--- WHAT IS NEEDED ---
All of the records below must be reproduced exactly, minus any pictures.

Stored data entries:
⁂
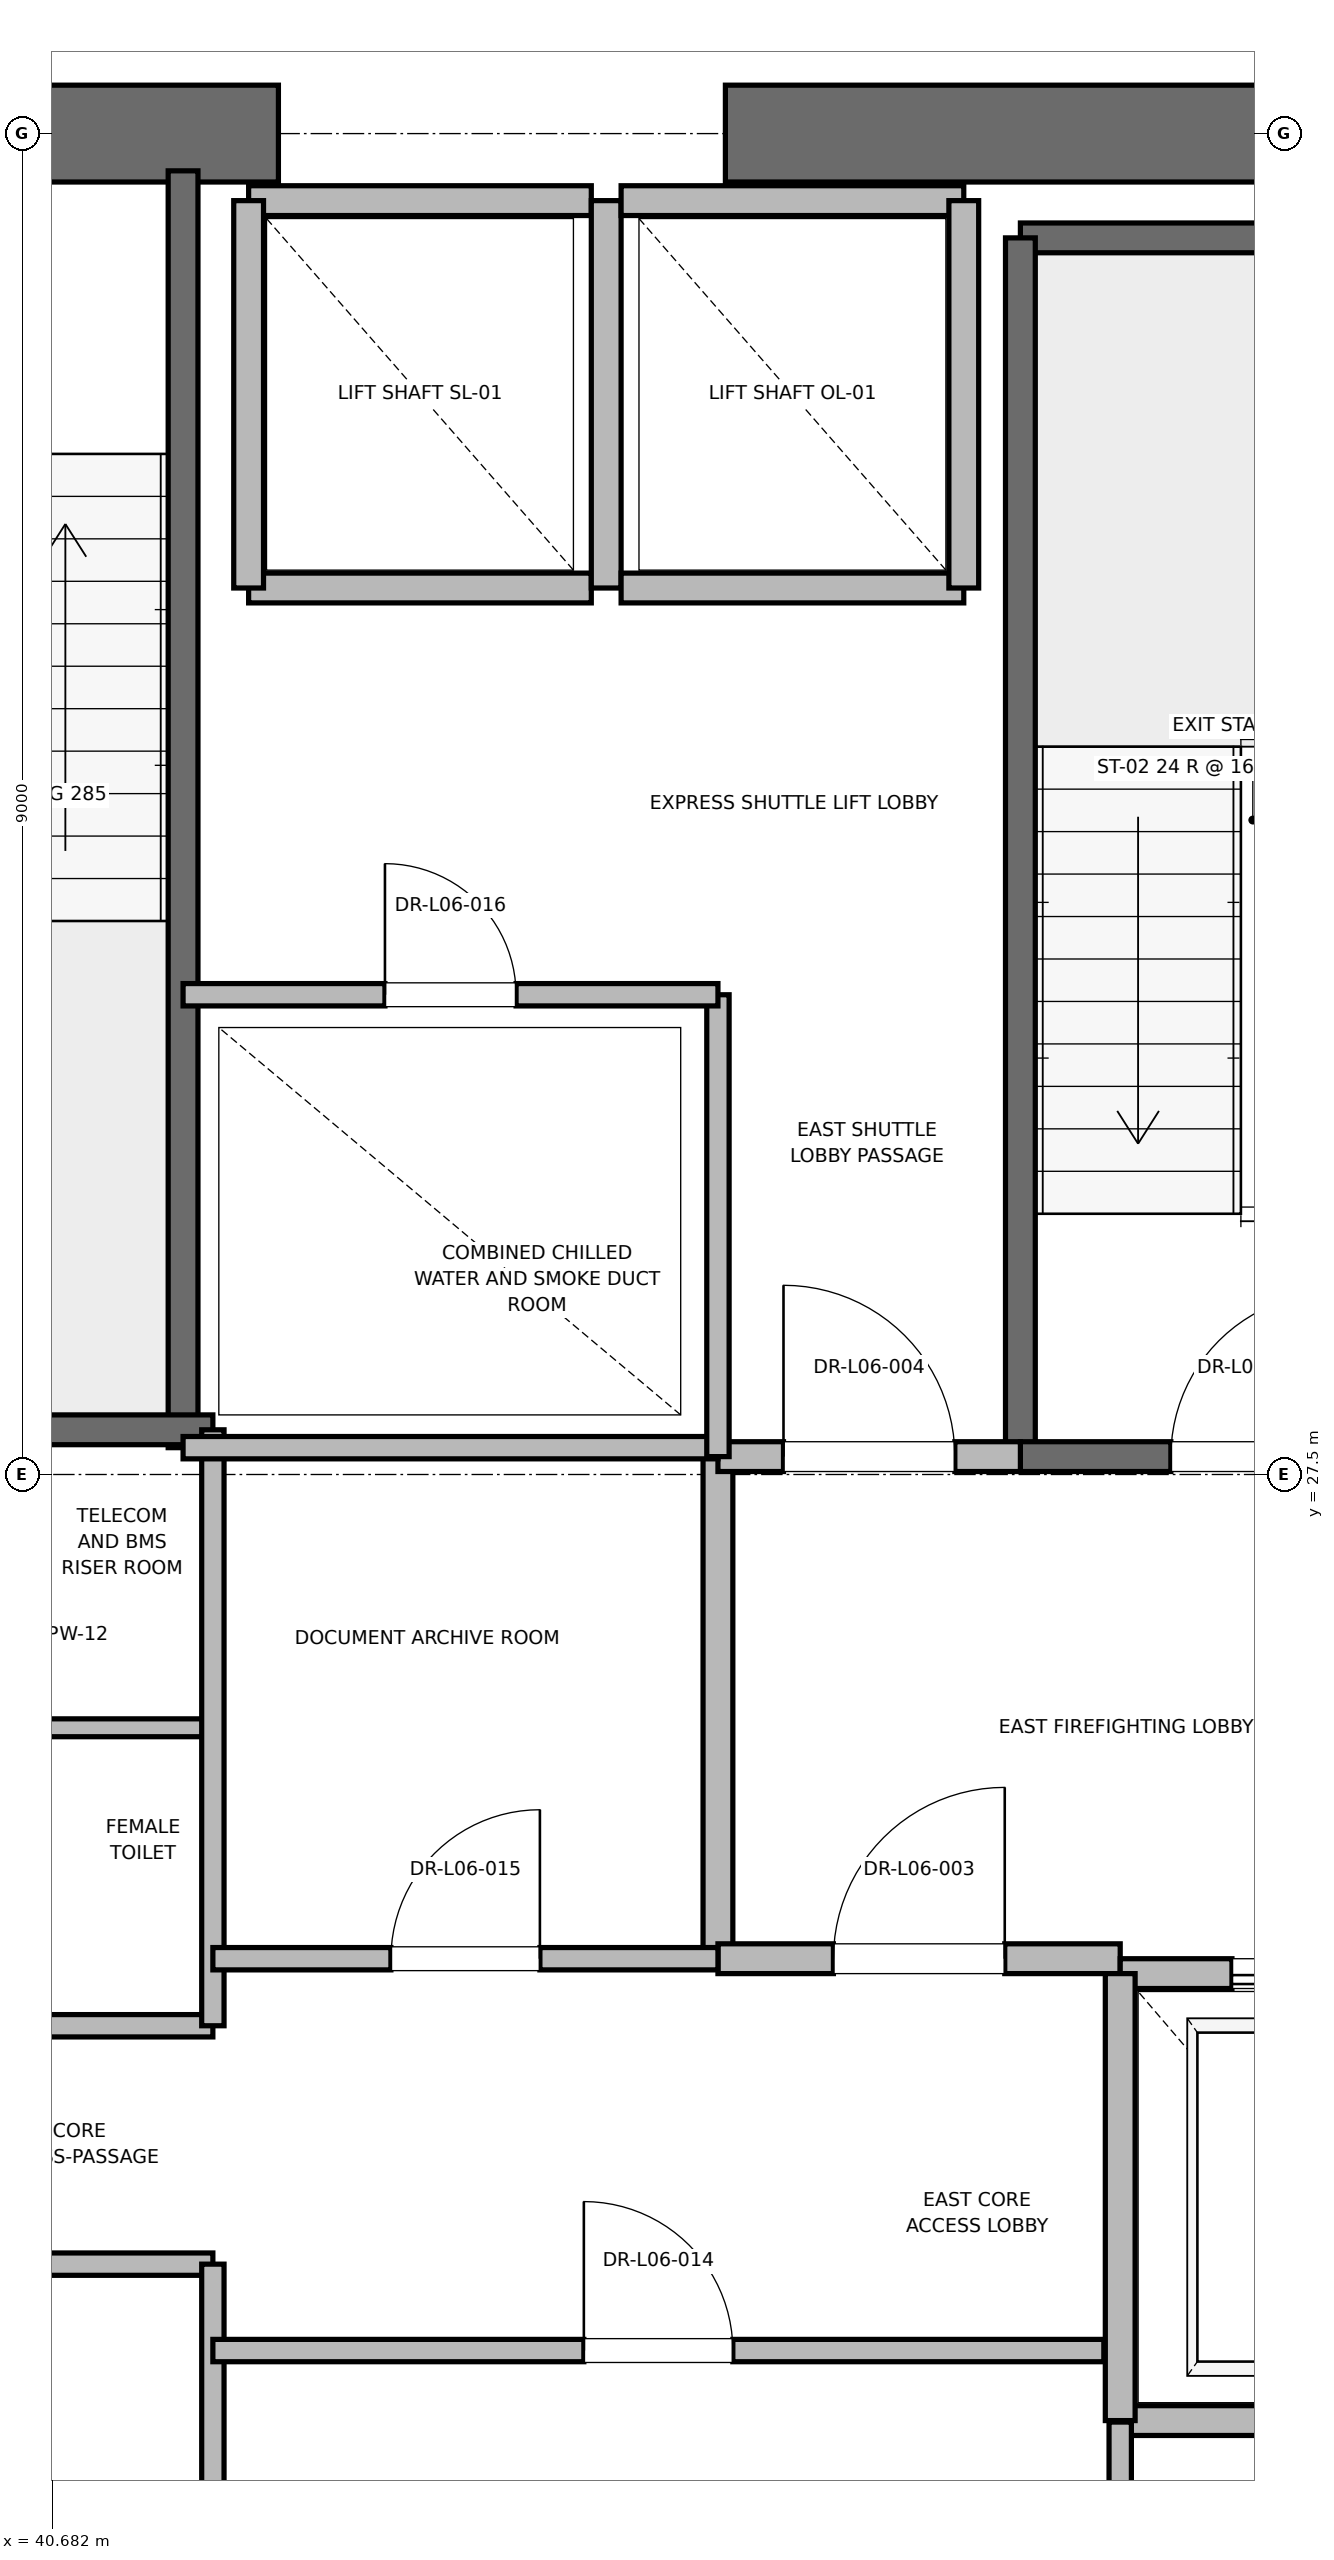
"""IFC4 building model, lengths in metres.
Left out: names, types, materials, properties, quantities, classifications, styles, units other than length and angle.
Written with IfcOpenShell. Run it as: python <this file> out.ifc"""

import sys

from ifc_helpers import new_model, si_unit, direction, frame, frame_2d, origin, place, context, subcontext, project, spatial, rectangle, extrude, element, fill, save


model = new_model("IFC4")
c1 = context("Model", 3, precision=1e-05, world=origin(), true_north=direction((0.0, 1.0)))
c2 = subcontext(c1, "Body", "Model", "MODEL_VIEW")
j1 = project(units=[si_unit("LENGTHUNIT", "METRE"), si_unit("PLANEANGLEUNIT", "RADIAN")], contexts=[c1])
p1 = place(None, origin())
s1 = spatial("IfcSite", under=j1, at=p1, CompositionType="ELEMENT")
p2 = place(p1, origin())
s2 = spatial("IfcBuilding", under=s1, at=p2, CompositionType="ELEMENT")
p3 = place(p2, frame((0.0, 0.0, 31.6)))
s3 = spatial("IfcBuildingStorey", under=s2, at=p3, CompositionType="ELEMENT", Elevation=31.6)
p4 = place(p3, frame((37.8, 36.5, 0.0), z_axis=(0.0, 0.0, 1.0), x_axis=(1.0, 0.0, 0.0)))
e1 = element("IfcWall", 1, at=p4, inside=s3, PredefinedType="SHEAR", context=c2, shape_type="SweptSolid", body=[
    extrude(rectangle(XDim=4.4, YDim=0.65, at=frame_2d((2.2, 0.0))), origin(), (0.0, 0.0, 1.0), 3.76),
])
p5 = place(p4, frame((1.65, 0.0, 0.0)))
e2 = element("IfcOpeningElement", 2, at=p5, cuts=e1, PredefinedType="OPENING", context=c2, shape_type="SweptSolid", body=[
    extrude(rectangle(XDim=1.1, YDim=2.15, at=frame_2d((0.55, 1.075))), frame((0.0, 0.325, 0.0), z_axis=(0.0, -1.0, 0.0), x_axis=(1.0, 0.0, 0.0)), (0.0, 0.0, 1.0), 0.65),
])
p6 = place(p3, frame((45.2, 36.5, 0.0), z_axis=(0.0, 0.0, 1.0), x_axis=(1.0, 0.0, 0.0)))
e3 = element("IfcWall", 3, at=p6, inside=s3, PredefinedType="SHEAR", context=c2, shape_type="SweptSolid", body=[
    extrude(rectangle(XDim=5.8, YDim=0.65, at=frame_2d((2.9, 0.0))), origin(), (0.0, 0.0, 1.0), 3.76),
])
p7 = place(p3, frame((47.18, 35.8, 0.0), z_axis=(0.0, 0.0, 1.0), x_axis=(1.0, 0.0, 0.0)))
e4 = element("IfcWall", 4, at=p7, inside=s3, PredefinedType="SOLIDWALL", context=c2, shape_type="SweptSolid", body=[
    extrude(rectangle(XDim=3.12, YDim=0.2, at=frame_2d((1.56, 0.0))), origin(), (0.0, 0.0, 1.0), 3.76),
])
p8 = place(p3, frame((47.18, 27.62, 0.0), z_axis=(0.0, 0.0, 1.0), x_axis=(0.0, 1.0, 0.0)))
e5 = element("IfcWall", 5, at=p8, inside=s3, PredefinedType="SOLIDWALL", context=c2, shape_type="SweptSolid", body=[
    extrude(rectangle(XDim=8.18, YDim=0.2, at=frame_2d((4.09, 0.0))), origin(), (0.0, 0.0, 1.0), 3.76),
⁂
--- TASK RESPONSE ---
"""IFC4 building model, lengths in metres.
Left out: names, types, materials, properties, quantities, classifications, styles, units other than length and angle.
Written with IfcOpenShell. Run it as: python <this file> out.ifc"""

import sys

from ifc_helpers import new_model, si_unit, direction, frame, frame_2d, origin, place, context, subcontext, project, spatial, rectangle, extrude, element, fill, save


model = new_model("IFC4")
c1 = context("Model", 3, precision=1e-05, world=origin(), true_north=direction((0.0, 1.0)))
c2 = subcontext(c1, "Body", "Model", "MODEL_VIEW")
j1 = project(units=[si_unit("LENGTHUNIT", "METRE"), si_unit("PLANEANGLEUNIT", "RADIAN")], contexts=[c1])
p1 = place(None, origin())
s1 = spatial("IfcSite", under=j1, at=p1, CompositionType="ELEMENT")
p2 = place(p1, origin())
s2 = spatial("IfcBuilding", under=s1, at=p2, CompositionType="ELEMENT")
p3 = place(p2, frame((0.0, 0.0, 31.6)))
s3 = spatial("IfcBuildingStorey", under=s2, at=p3, CompositionType="ELEMENT", Elevation=31.6)
p4 = place(p3, frame((37.8, 36.5, 0.0), z_axis=(0.0, 0.0, 1.0), x_axis=(1.0, 0.0, 0.0)))
e1 = element("IfcWall", 1, at=p4, inside=s3, PredefinedType="SHEAR", context=c2, shape_type="SweptSolid", body=[
    extrude(rectangle(XDim=4.4, YDim=0.65, at=frame_2d((2.2, 0.0))), origin(), (0.0, 0.0, 1.0), 3.76),
])
p5 = place(p4, frame((1.65, 0.0, 0.0)))
e2 = element("IfcOpeningElement", 2, at=p5, cuts=e1, PredefinedType="OPENING", context=c2, shape_type="SweptSolid", body=[
    extrude(rectangle(XDim=1.1, YDim=2.15, at=frame_2d((0.55, 1.075))), frame((0.0, 0.325, 0.0), z_axis=(0.0, -1.0, 0.0), x_axis=(1.0, 0.0, 0.0)), (0.0, 0.0, 1.0), 0.65),
])
p6 = place(p3, frame((45.2, 36.5, 0.0), z_axis=(0.0, 0.0, 1.0), x_axis=(1.0, 0.0, 0.0)))
e3 = element("IfcWall", 3, at=p6, inside=s3, PredefinedType="SHEAR", context=c2, shape_type="SweptSolid", body=[
    extrude(rectangle(XDim=5.8, YDim=0.65, at=frame_2d((2.9, 0.0))), origin(), (0.0, 0.0, 1.0), 3.76),
])
p7 = place(p3, frame((47.18, 35.8, 0.0), z_axis=(0.0, 0.0, 1.0), x_axis=(1.0, 0.0, 0.0)))
e4 = element("IfcWall", 4, at=p7, inside=s3, PredefinedType="SOLIDWALL", context=c2, shape_type="SweptSolid", body=[
    extrude(rectangle(XDim=3.12, YDim=0.2, at=frame_2d((1.56, 0.0))), origin(), (0.0, 0.0, 1.0), 3.76),
])
p8 = place(p3, frame((47.18, 27.62, 0.0), z_axis=(0.0, 0.0, 1.0), x_axis=(0.0, 1.0, 0.0)))
e5 = element("IfcWall", 5, at=p8, inside=s3, PredefinedType="SOLIDWALL", context=c2, shape_type="SweptSolid", body=[
    extrude(rectangle(XDim=8.18, YDim=0.2, at=frame_2d((4.09, 0.0))), origin(), (0.0, 0.0, 1.0), 3.76),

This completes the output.